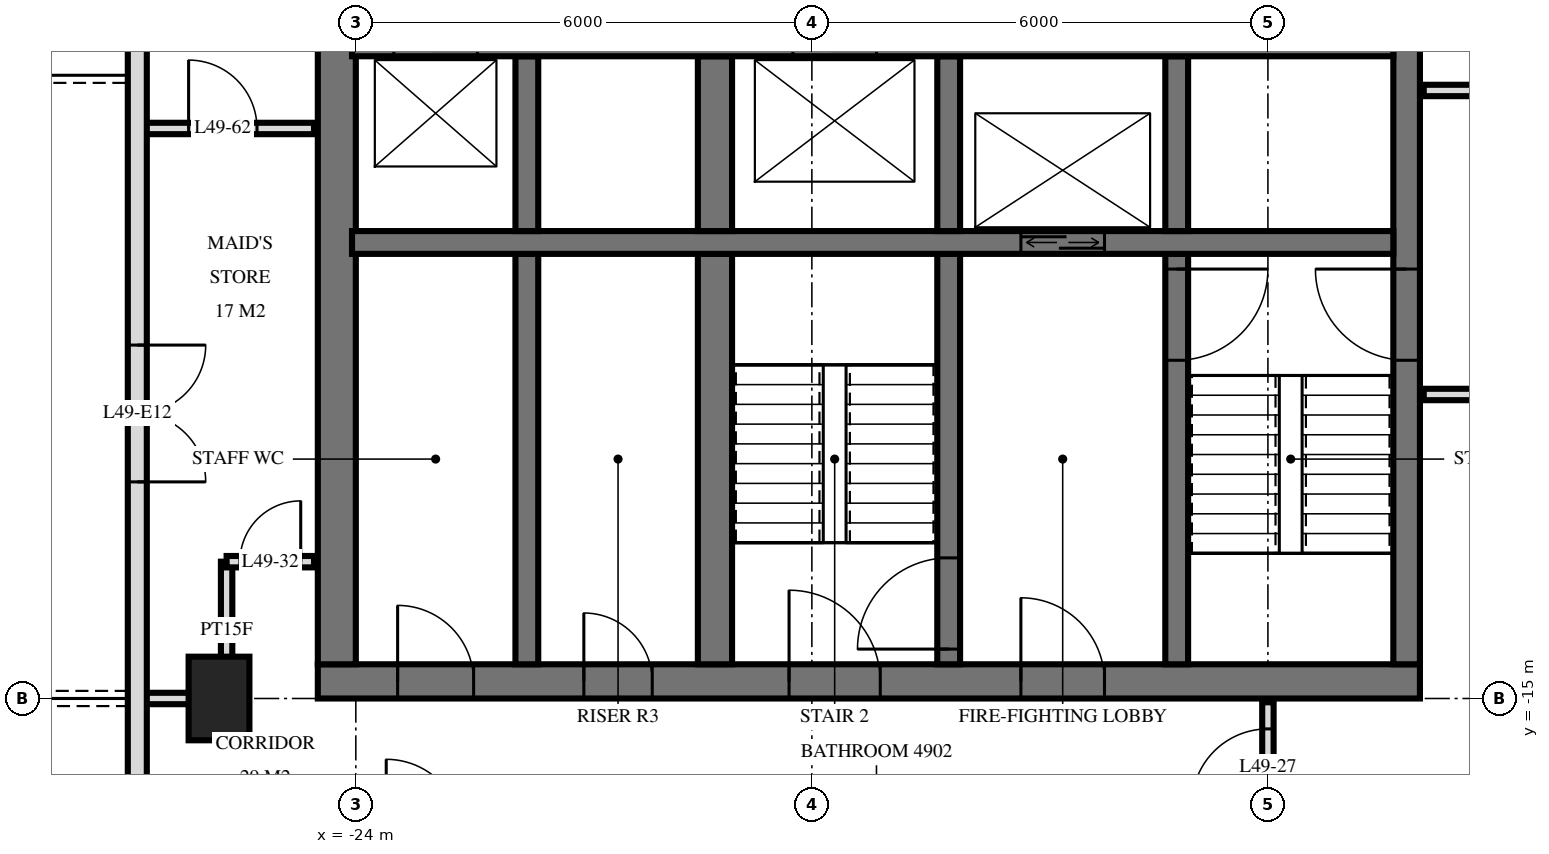
"""IFC4 building model, lengths in metres.
Left out: names, types, materials, properties, quantities, classifications, styles, units other than length and angle.
Written with IfcOpenShell. Run it as: python <this file> out.ifc"""

import sys

from ifc_helpers import new_model, si_unit, direction, frame, frame_2d, origin, origin_2d, place, context, subcontext, project, spatial, rectangle, extrude, element, fill, save


model = new_model("IFC4")
c1 = context("Model", 3, precision=1e-05, world=origin(), true_north=direction((0.0, 1.0)))
c2 = subcontext(c1, "Body", "Model", "MODEL_VIEW")
j1 = project(units=[si_unit("LENGTHUNIT", "METRE"), si_unit("PLANEANGLEUNIT", "RADIAN")], contexts=[c1])
p1 = place(None, origin())
s1 = spatial("IfcSite", under=j1, at=p1, CompositionType="ELEMENT")
p2 = place(p1, origin())
s2 = spatial("IfcBuilding", under=s1, at=p2, CompositionType="ELEMENT")
p3 = place(p2, frame((0.0, 0.0, 190.6)))
s3 = spatial("IfcBuildingStorey", under=s2, at=p3, CompositionType="ELEMENT", Elevation=190.6)
p4 = place(p3, frame((-25.8, -15.0, 0.0), z_axis=(0.0, 0.0, 1.0), x_axis=(0.0, 1.0, 0.0)))
e1 = element("IfcColumn", 1, at=p4, inside=s3, PredefinedType="COLUMN", context=c2, shape_type="SweptSolid", body=[
    extrude(rectangle(XDim=1.1, YDim=0.8, at=origin_2d()), origin(), (0.0, 0.0, 1.0), 3.5),
])
p5 = place(p3, frame((-24.5, -14.775, 0.0), z_axis=(0.0, 0.0, 1.0), x_axis=(1.0, 0.0, 0.0)))
e2 = element("IfcWall", 2, at=p5, inside=s3, PredefinedType="SHEAR", context=c2, shape_type="SweptSolid", body=[
    extrude(rectangle(XDim=14.5, YDim=0.45, at=frame_2d((7.25, 0.0))), origin(), (0.0, 0.0, 1.0), 3.5),
])
p6 = place(p5, frame((6.2, 0.0, 0.0)))
e3 = element("IfcOpeningElement", 3, at=p6, cuts=e2, PredefinedType="OPENING", context=c2, shape_type="SweptSolid", body=[
    extrude(rectangle(XDim=1.2, YDim=2.1, at=frame_2d((0.6, 1.05))), frame((0.0, 0.235, 0.0), z_axis=(0.0, -1.0, 0.0), x_axis=(1.0, 0.0, 0.0)), (0.0, 0.0, 1.0), 0.47),
])
p7 = place(p5, frame((9.25, 0.0, 0.0)))
e4 = element("IfcOpeningElement", 4, at=p7, cuts=e2, PredefinedType="OPENING", context=c2, shape_type="SweptSolid", body=[
    extrude(rectangle(XDim=1.1, YDim=2.1, at=frame_2d((0.55, 1.05))), frame((0.0, 0.235, 0.0), z_axis=(0.0, -1.0, 0.0), x_axis=(1.0, 0.0, 0.0)), (0.0, 0.0, 1.0), 0.47),
])
p8 = place(p5, frame((3.5, 0.0, 0.0)))
e5 = element("IfcOpeningElement", 5, at=p8, cuts=e2, PredefinedType="OPENING", context=c2, shape_type="SweptSolid", body=[
    extrude(rectangle(XDim=0.9, YDim=2.1, at=frame_2d((0.45, 1.05))), frame((0.0, 0.235, 0.0), z_axis=(0.0, -1.0, 0.0), x_axis=(1.0, 0.0, 0.0)), (0.0, 0.0, 1.0), 0.47),
])
p9 = place(p5, frame((1.05, 0.0, 0.0)))
e6 = element("IfcOpeningElement", 6, at=p9, cuts=e2, PredefinedType="OPENING", context=c2, shape_type="SweptSolid", body=[
    extrude(rectangle(XDim=1.0, YDim=2.1, at=frame_2d((0.5, 1.05))), frame((0.0, 0.235, 0.0), z_axis=(0.0, -1.0, 0.0), x_axis=(1.0, 0.0, 0.0)), (0.0, 0.0, 1.0), 0.47),
])
p10 = place(p3, frame((-10.175, -14.55, 0.0), z_axis=(0.0, 0.0, 1.0), x_axis=(0.0, 1.0, 0.0)))
e7 = element("IfcWall", 7, at=p10, inside=s3, PredefinedType="SHEAR", context=c2, shape_type="SweptSolid", body=[
    extrude(rectangle(XDim=14.1, YDim=0.35, at=frame_2d((7.05, 0.0))), origin(), (0.0, 0.0, 1.0), 3.5),
])
p11 = place(p10, frame((8.4, 0.0, 0.0)))
e8 = element("IfcOpeningElement", 8, at=p11, cuts=e7, PredefinedType="OPENING", context=c2, shape_type="SweptSolid", body=[
    extrude(rectangle(XDim=1.4, YDim=2.4, at=frame_2d((0.7, 1.2))), frame((0.0, 0.185, 0.0), z_axis=(0.0, -1.0, 0.0), x_axis=(1.0, 0.0, 0.0)), (0.0, 0.0, 1.0), 0.37),
])
p12 = place(p10, frame((10.0, 0.0, 0.0)))
e9 = element("IfcOpeningElement", 9, at=p12, cuts=e7, PredefinedType="OPENING", context=c2, shape_type="SweptSolid", body=[
    extrude(rectangle(XDim=1.4, YDim=2.4, at=frame_2d((0.7, 1.2))), frame((0.0, 0.185, 0.0), z_axis=(0.0, -1.0, 0.0), x_axis=(1.0, 0.0, 0.0)), (0.0, 0.0, 1.0), 0.37),
])
p13 = place(p10, frame((4.0, 0.0, 0.0)))
e10 = element("IfcOpeningElement", 10, at=p13, cuts=e7, PredefinedType="OPENING", context=c2, shape_type="SweptSolid", body=[
    extrude(rectangle(XDim=1.2, YDim=2.1, at=frame_2d((0.6, 1.05))), frame((0.0, 0.185, 0.0), z_axis=(0.0, -1.0, 0.0), x_axis=(1.0, 0.0, 0.0)), (0.0, 0.0, 1.0), 0.37),
])
p14 = place(p3, frame((-24.25, -14.55, 0.0), z_axis=(0.0, 0.0, 1.0), x_axis=(0.0, 1.0, 0.0)))
e11 = element("IfcWall", 11, at=p14, inside=s3, PredefinedType="SHEAR", context=c2, shape_type="SweptSolid", body=[
    extrude(rectangle(XDim=14.1, YDim=0.5, at=frame_2d((7.05, 0.0))), origin(), (0.0, 0.0, 1.0), 3.5),
])
p15 = place(p3, frame((-24.05, -6.4, 0.0), z_axis=(0.0, 0.0, 1.0), x_axis=(1.0, 0.0, 0.0)))
e12 = element("IfcWall", 12, at=p15, inside=s3, PredefinedType="SHEAR", context=c2, shape_type="SweptSolid", body=[
    extrude(rectangle(XDim=13.7, YDim=0.3, at=frame_2d((6.85, 0.0))), origin(), (0.0, 0.0, 1.0), 3.5),
])
p16 = place(p15, frame((0.55, 0.0, 0.0)))
e13 = element("IfcOpeningElement", 13, at=p16, cuts=e12, PredefinedType="OPENING", context=c2, shape_type="SweptSolid", body=[
    extrude(rectangle(XDim=1.1, YDim=2.1, at=frame_2d((0.55, 1.05))), frame((0.0, 0.16, 0.0), z_axis=(0.0, -1.0, 0.0), x_axis=(1.0, 0.0, 0.0)), (0.0, 0.0, 1.0), 0.32),
])
p17 = place(p15, frame((5.8, 0.0, 0.0)))
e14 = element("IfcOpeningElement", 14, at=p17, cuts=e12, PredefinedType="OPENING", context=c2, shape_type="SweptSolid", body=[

= = = = = = =

■ ACTIVITY: The answer must be an exact copy of the lines from the one containing "p17 = place(p15, frame((5.8, 0.0, 0.0)))" through the last line of the records, both included.

■ EXERCISE SOLUTION:
p17 = place(p15, frame((5.8, 0.0, 0.0)))
e14 = element("IfcOpeningElement", 14, at=p17, cuts=e12, PredefinedType="OPENING", context=c2, shape_type="SweptSolid", body=[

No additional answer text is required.